PROBLEM DETAILS: Find the line with "world=origin(), true_north=direction((0.0, 1.0)))" in the records below. Copy it and every line after it, up to and including the line with "p3 = place(p2, frame((0.0, 0.0, 106.2)))".

ENTRIES SHOWN:

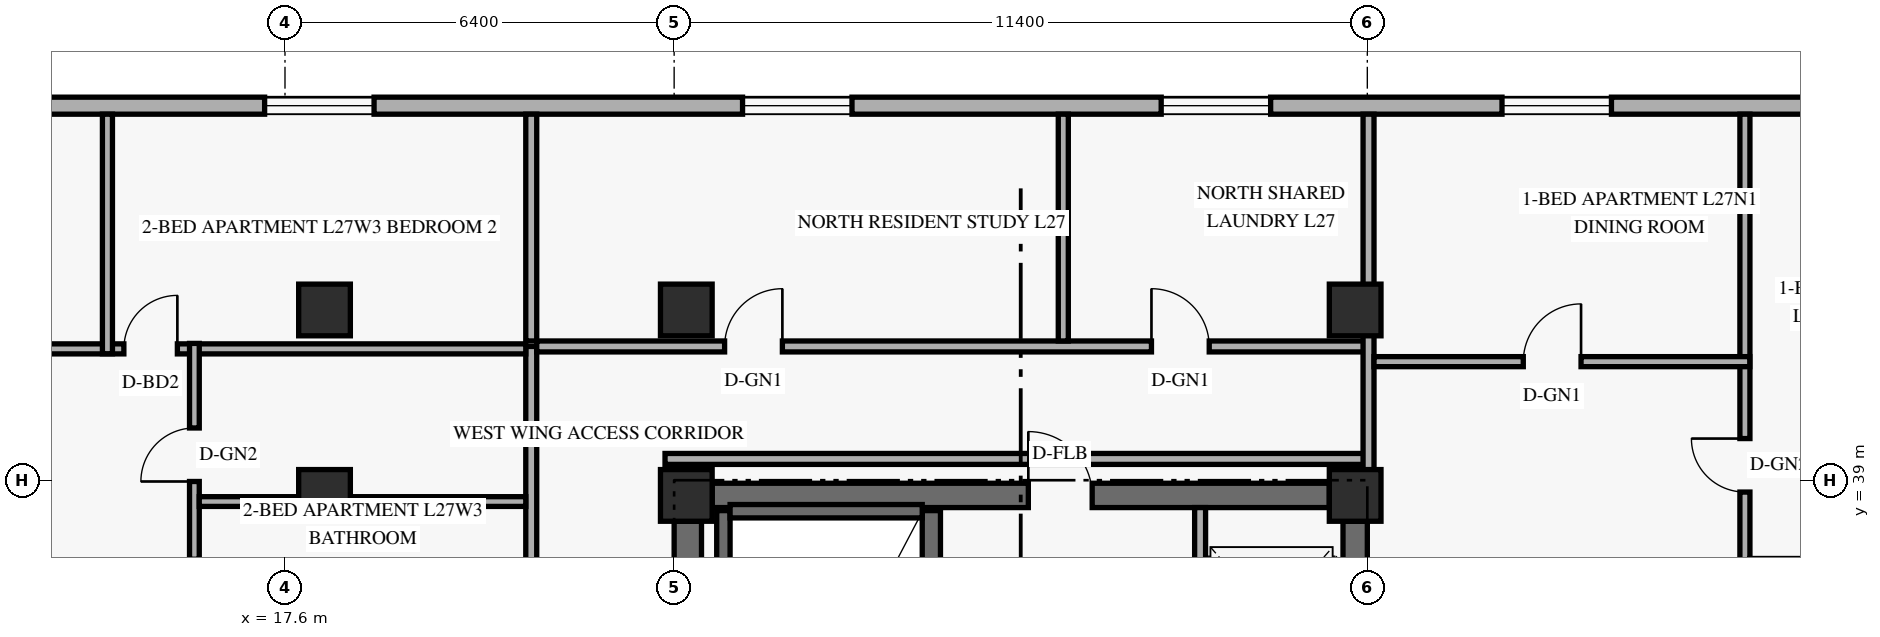
"""IFC4 building model, lengths in metres.
Left out: names, types, materials, properties, quantities, classifications, styles, units other than length and angle.
Written with IfcOpenShell. Run it as: python <this file> out.ifc"""

import sys

from ifc_helpers import new_model, si_unit, direction, frame, frame_2d, origin, origin_2d, place, context, subcontext, project, spatial, rectangle, extrude, element, fill, save


model = new_model("IFC4")
c1 = context("Model", 3, precision=1e-05, world=origin(), true_north=direction((0.0, 1.0)))
c2 = subcontext(c1, "Body", "Model", "MODEL_VIEW")
j1 = project(units=[si_unit("LENGTHUNIT", "METRE"), si_unit("PLANEANGLEUNIT", "RADIAN")], contexts=[c1])
p1 = place(None, origin())
s1 = spatial("IfcSite", under=j1, at=p1, CompositionType="ELEMENT")
p2 = place(p1, origin())
s2 = spatial("IfcBuilding", under=s1, at=p2, CompositionType="ELEMENT")
p3 = place(p2, frame((0.0, 0.0, 106.2)))
s3 = spatial("IfcBuildingStorey", under=s2, at=p3, CompositionType="ELEMENT", Elevation=106.2)
p4 = place(p3, frame((24.225, 30.625, 0.0), z_axis=(0.0, 0.0, 1.0), x_axis=(0.0, 1.0, 0.0)))
e1 = element("IfcWall", 1, at=p4, inside=s3, PredefinedType="SHEAR", context=c2, shape_type="SweptSolid", body=[
    extrude(rectangle(XDim=7.7, YDim=0.45, at=frame_2d((3.85, 0.0))), origin(), (0.0, 0.0, 1.0), 2.749),
])
p5 = place(p3, frame((35.2, 31.35, 0.0), z_axis=(0.0, 0.0, 1.0), x_axis=(0.0, 1.0, 0.0)))
e2 = element("IfcWall", 2, at=p5, inside=s3, PredefinedType="SHEAR", context=c2, shape_type="SweptSolid", body=[
    extrude(rectangle(XDim=6.975, YDim=0.4, at=frame_2d((3.487, 0.0))), origin(), (0.0, 0.0, 1.0), 2.749),
])
p6 = place(p3, frame((24.625, 38.75, 0.0), z_axis=(0.0, 0.0, 1.0), x_axis=(1.0, 0.0, 0.0)))
e3 = element("IfcWall", 3, at=p6, inside=s3, PredefinedType="SHEAR", context=c2, shape_type="SweptSolid", body=[
    extrude(rectangle(XDim=10.15, YDim=0.4, at=frame_2d((5.075, 0.0))), origin(), (0.0, 0.0, 1.0), 3.36),
])
p7 = place(p6, frame((5.2, 0.0, 0.0)))
e4 = element("IfcOpeningElement", 4, at=p7, cuts=e3, PredefinedType="OPENING", context=c2, shape_type="SweptSolid", body=[
    extrude(rectangle(XDim=1.05, YDim=2.15, at=frame_2d((0.525, 1.075))), frame((0.0, 0.21, 0.0), z_axis=(0.0, -1.0, 0.0), x_axis=(1.0, 0.0, 0.0)), (0.0, 0.0, 1.0), 0.42),
])
p8 = place(p3, frame((24.81, 30.74, 0.0), z_axis=(0.0, 0.0, 1.0), x_axis=(0.0, 1.0, 0.0)))
e5 = element("IfcWall", 5, at=p8, inside=s3, PredefinedType="SHEAR", context=c2, shape_type="SweptSolid", body=[
    extrude(rectangle(XDim=7.76, YDim=0.22, at=frame_2d((3.88, 0.0))), origin(), (0.0, 0.0, 1.0), 3.36),
])
p9 = place(p3, frame((28.23, 30.74, 0.0), z_axis=(0.0, 0.0, 1.0), x_axis=(0.0, 1.0, 0.0)))
e6 = element("IfcWall", 6, at=p9, inside=s3, PredefinedType="SHEAR", context=c2, shape_type="SweptSolid", body=[
    extrude(rectangle(XDim=7.76, YDim=0.3, at=frame_2d((3.88, 0.0))), origin(), (0.0, 0.0, 1.0), 3.36),
])
p10 = place(p3, frame((24.92, 38.49, 0.0), z_axis=(0.0, 0.0, 1.0), x_axis=(1.0, 0.0, 0.0)))
e7 = element("IfcWall", 7, at=p10, inside=s3, PredefinedType="SHEAR", context=c2, shape_type="SweptSolid", body=[
    extrude(rectangle(XDim=3.16, YDim=0.22, at=frame_2d((1.58, 0.0))), origin(), (0.0, 0.0, 1.0), 3.36),
])
for number, where, z_axis, x_axis in (
    (8, (18.25, 38.75, 0.0), (0.0, 0.0, 1.0), (1.0, 0.0, 0.0)),
    (9, (18.25, 41.8, 0.0), (0.0, 0.0, 1.0), (1.0, 0.0, 0.0)),
    (10, (24.2, 38.75, 0.0), (0.0, 0.0, 1.0), (1.0, 0.0, 0.0)),
    (11, (24.2, 41.8, 0.0), (0.0, 0.0, 1.0), (1.0, 0.0, 0.0)),
    (12, (35.2, 38.75, 0.0), (0.0, 0.0, 1.0), (1.0, 0.0, 0.0)),
    (13, (35.2, 41.8, 0.0), (0.0, 0.0, 1.0), (1.0, 0.0, 0.0)),
):
    element("IfcColumn", number, at=place(p3, frame(where, z_axis=z_axis, x_axis=x_axis)), inside=s3, PredefinedType="COLUMN", context=c2, shape_type="SweptSolid", body=[
        extrude(rectangle(XDim=0.85, YDim=0.85, at=origin_2d()), origin(), (0.0, 0.0, 1.0), 3.6),
    ])
p11 = place(p3, frame((49.98, 45.16, 0.0), z_axis=(0.0, 0.0, 1.0), x_axis=(-1.0, 0.0, 0.0)))
e14 = element("IfcWall", 14, at=p11, inside=s3, PredefinedType="SOLIDWALL", context=c2, shape_type="SweptSolid", body=[
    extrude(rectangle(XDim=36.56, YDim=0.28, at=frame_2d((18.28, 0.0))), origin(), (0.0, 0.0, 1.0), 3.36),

OUTPUT FOR THIS EXERCISE:
c1 = context("Model", 3, precision=1e-05, world=origin(), true_north=direction((0.0, 1.0)))
c2 = subcontext(c1, "Body", "Model", "MODEL_VIEW")
j1 = project(units=[si_unit("LENGTHUNIT", "METRE"), si_unit("PLANEANGLEUNIT", "RADIAN")], contexts=[c1])
p1 = place(None, origin())
s1 = spatial("IfcSite", under=j1, at=p1, CompositionType="ELEMENT")
p2 = place(p1, origin())
s2 = spatial("IfcBuilding", under=s1, at=p2, CompositionType="ELEMENT")
p3 = place(p2, frame((0.0, 0.0, 106.2)))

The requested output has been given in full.